[Data records]
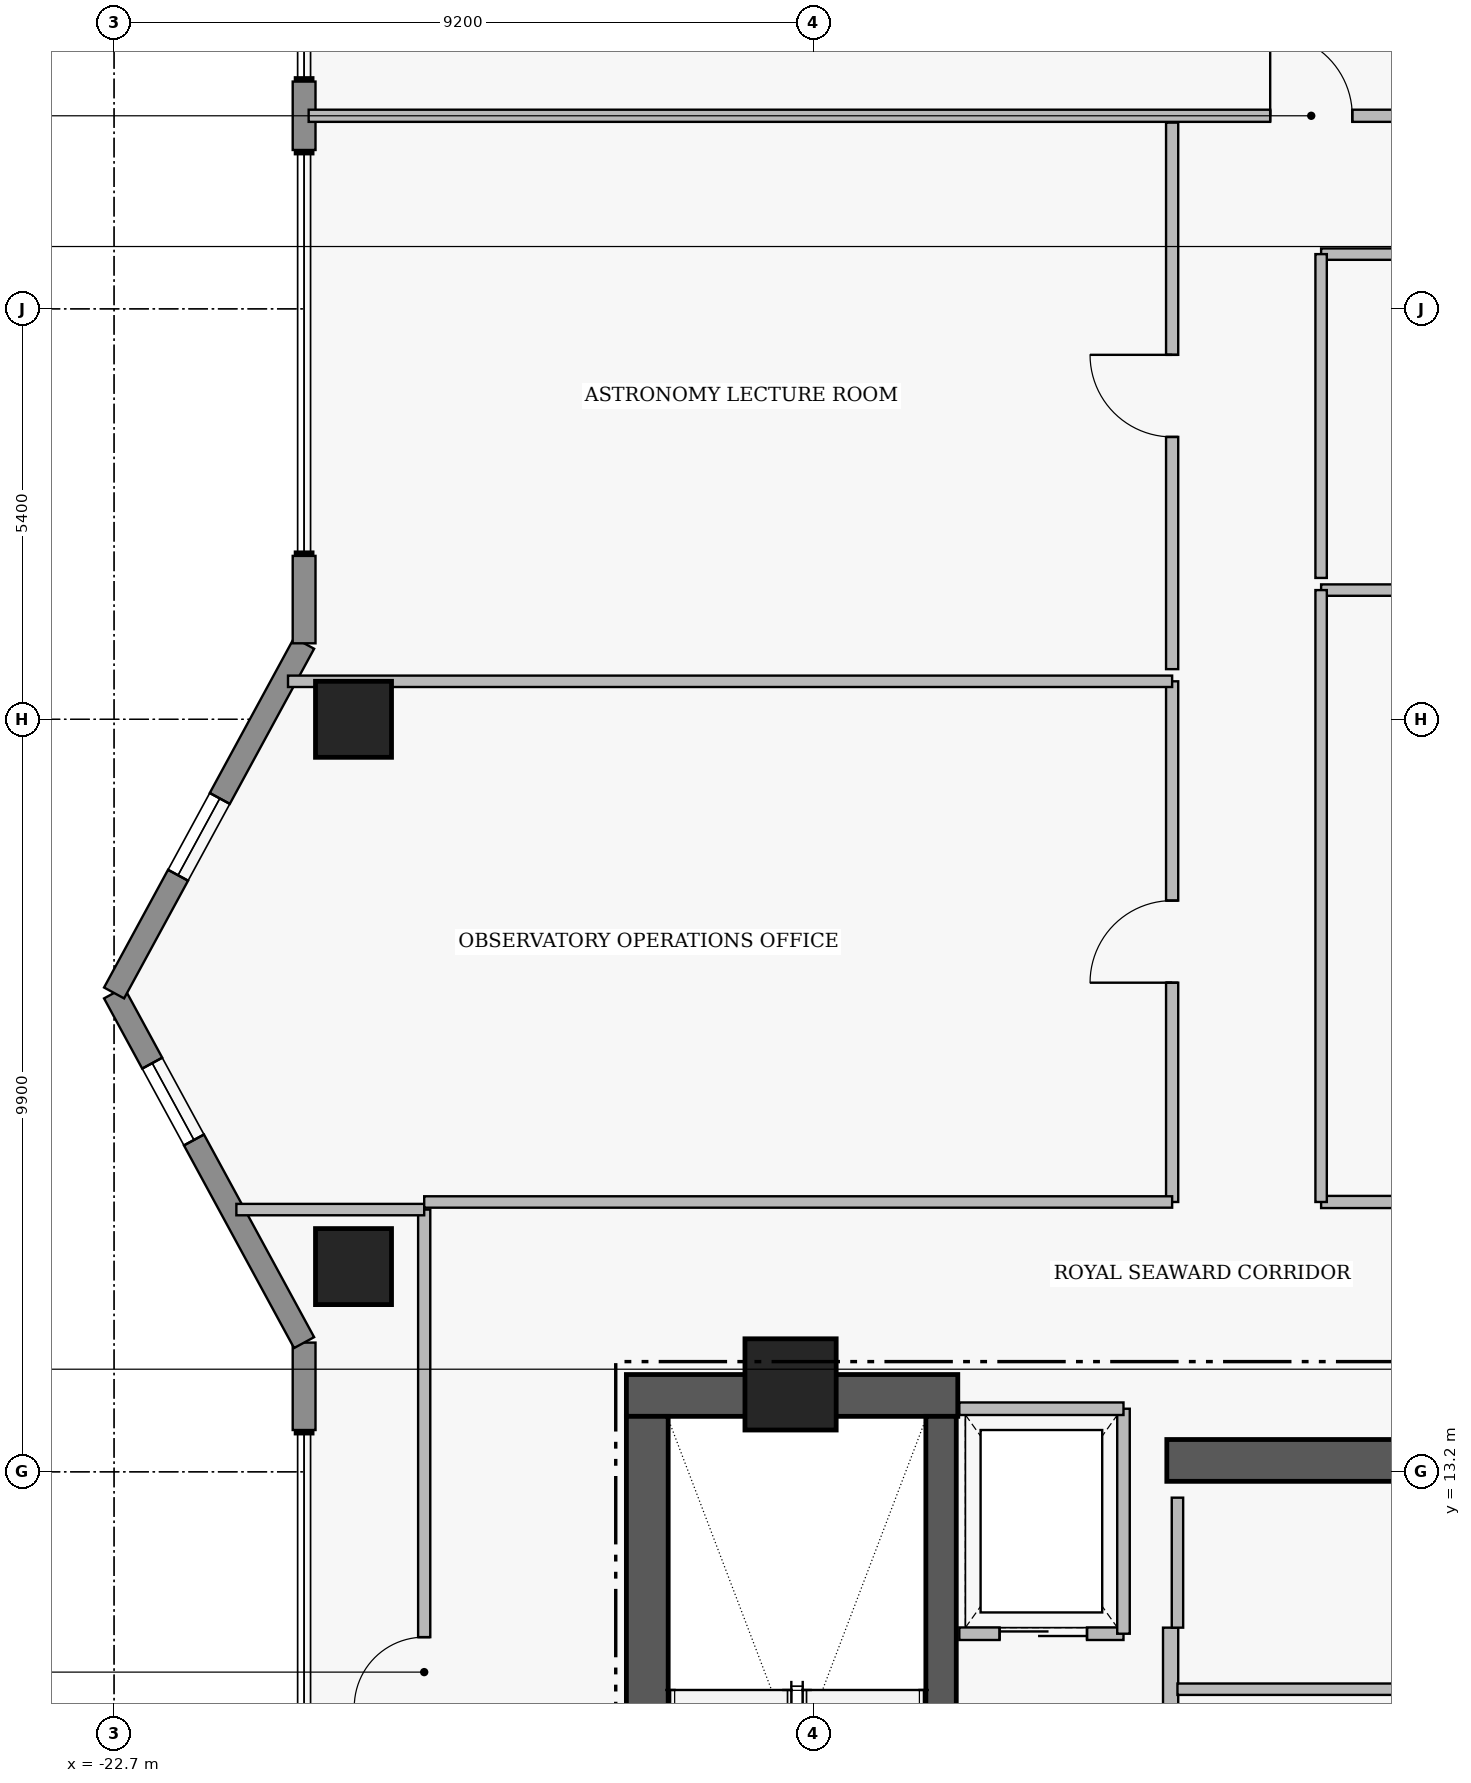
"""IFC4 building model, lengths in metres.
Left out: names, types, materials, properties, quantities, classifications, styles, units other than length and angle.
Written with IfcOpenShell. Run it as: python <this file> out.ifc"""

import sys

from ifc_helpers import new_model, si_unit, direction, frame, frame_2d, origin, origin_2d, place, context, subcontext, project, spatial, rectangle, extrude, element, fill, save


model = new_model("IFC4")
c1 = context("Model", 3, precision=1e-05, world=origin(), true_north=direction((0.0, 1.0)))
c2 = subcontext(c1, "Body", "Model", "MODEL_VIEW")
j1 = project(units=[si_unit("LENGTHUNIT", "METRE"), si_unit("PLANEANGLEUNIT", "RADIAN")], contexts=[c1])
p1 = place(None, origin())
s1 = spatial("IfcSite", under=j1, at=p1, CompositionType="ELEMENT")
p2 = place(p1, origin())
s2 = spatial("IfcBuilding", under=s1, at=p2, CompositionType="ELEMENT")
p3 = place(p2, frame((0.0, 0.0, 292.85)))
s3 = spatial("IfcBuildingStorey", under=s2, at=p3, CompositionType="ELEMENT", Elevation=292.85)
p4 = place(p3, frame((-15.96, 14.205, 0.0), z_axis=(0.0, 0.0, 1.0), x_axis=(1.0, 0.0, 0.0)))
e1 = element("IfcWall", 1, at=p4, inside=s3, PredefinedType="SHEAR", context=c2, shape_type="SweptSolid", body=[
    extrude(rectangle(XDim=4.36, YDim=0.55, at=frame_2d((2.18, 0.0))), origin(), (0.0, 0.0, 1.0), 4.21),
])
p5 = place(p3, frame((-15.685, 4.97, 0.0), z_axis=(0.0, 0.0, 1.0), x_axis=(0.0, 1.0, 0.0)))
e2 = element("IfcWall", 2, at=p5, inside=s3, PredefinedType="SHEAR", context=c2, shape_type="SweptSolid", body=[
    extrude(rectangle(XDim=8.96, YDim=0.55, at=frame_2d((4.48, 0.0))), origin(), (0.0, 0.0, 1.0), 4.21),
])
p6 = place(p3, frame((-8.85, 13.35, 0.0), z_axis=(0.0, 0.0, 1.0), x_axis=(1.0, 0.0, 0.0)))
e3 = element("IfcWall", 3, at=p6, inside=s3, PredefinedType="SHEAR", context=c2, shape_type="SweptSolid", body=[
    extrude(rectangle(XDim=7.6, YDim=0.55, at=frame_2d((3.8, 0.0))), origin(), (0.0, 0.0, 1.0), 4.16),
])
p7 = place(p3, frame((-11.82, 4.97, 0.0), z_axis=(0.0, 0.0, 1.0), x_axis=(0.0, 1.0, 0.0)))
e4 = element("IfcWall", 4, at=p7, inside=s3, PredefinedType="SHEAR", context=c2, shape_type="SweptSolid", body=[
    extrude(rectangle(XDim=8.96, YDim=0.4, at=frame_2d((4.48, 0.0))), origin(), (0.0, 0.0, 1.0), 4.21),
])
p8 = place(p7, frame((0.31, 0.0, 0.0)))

Problem to work on – All lines from the one with "p2 = place(p1, origin())" onward to the end of the records above should be repeated exactly, and only those lines.

Written response –
p2 = place(p1, origin())
s2 = spatial("IfcBuilding", under=s1, at=p2, CompositionType="ELEMENT")
p3 = place(p2, frame((0.0, 0.0, 292.85)))
s3 = spatial("IfcBuildingStorey", under=s2, at=p3, CompositionType="ELEMENT", Elevation=292.85)
p4 = place(p3, frame((-15.96, 14.205, 0.0), z_axis=(0.0, 0.0, 1.0), x_axis=(1.0, 0.0, 0.0)))
e1 = element("IfcWall", 1, at=p4, inside=s3, PredefinedType="SHEAR", context=c2, shape_type="SweptSolid", body=[
    extrude(rectangle(XDim=4.36, YDim=0.55, at=frame_2d((2.18, 0.0))), origin(), (0.0, 0.0, 1.0), 4.21),
])
p5 = place(p3, frame((-15.685, 4.97, 0.0), z_axis=(0.0, 0.0, 1.0), x_axis=(0.0, 1.0, 0.0)))
e2 = element("IfcWall", 2, at=p5, inside=s3, PredefinedType="SHEAR", context=c2, shape_type="SweptSolid", body=[
    extrude(rectangle(XDim=8.96, YDim=0.55, at=frame_2d((4.48, 0.0))), origin(), (0.0, 0.0, 1.0), 4.21),
])
p6 = place(p3, frame((-8.85, 13.35, 0.0), z_axis=(0.0, 0.0, 1.0), x_axis=(1.0, 0.0, 0.0)))
e3 = element("IfcWall", 3, at=p6, inside=s3, PredefinedType="SHEAR", context=c2, shape_type="SweptSolid", body=[
    extrude(rectangle(XDim=7.6, YDim=0.55, at=frame_2d((3.8, 0.0))), origin(), (0.0, 0.0, 1.0), 4.16),
])
p7 = place(p3, frame((-11.82, 4.97, 0.0), z_axis=(0.0, 0.0, 1.0), x_axis=(0.0, 1.0, 0.0)))
e4 = element("IfcWall", 4, at=p7, inside=s3, PredefinedType="SHEAR", context=c2, shape_type="SweptSolid", body=[
    extrude(rectangle(XDim=8.96, YDim=0.4, at=frame_2d((4.48, 0.0))), origin(), (0.0, 0.0, 1.0), 4.21),
])
p8 = place(p7, frame((0.31, 0.0, 0.0)))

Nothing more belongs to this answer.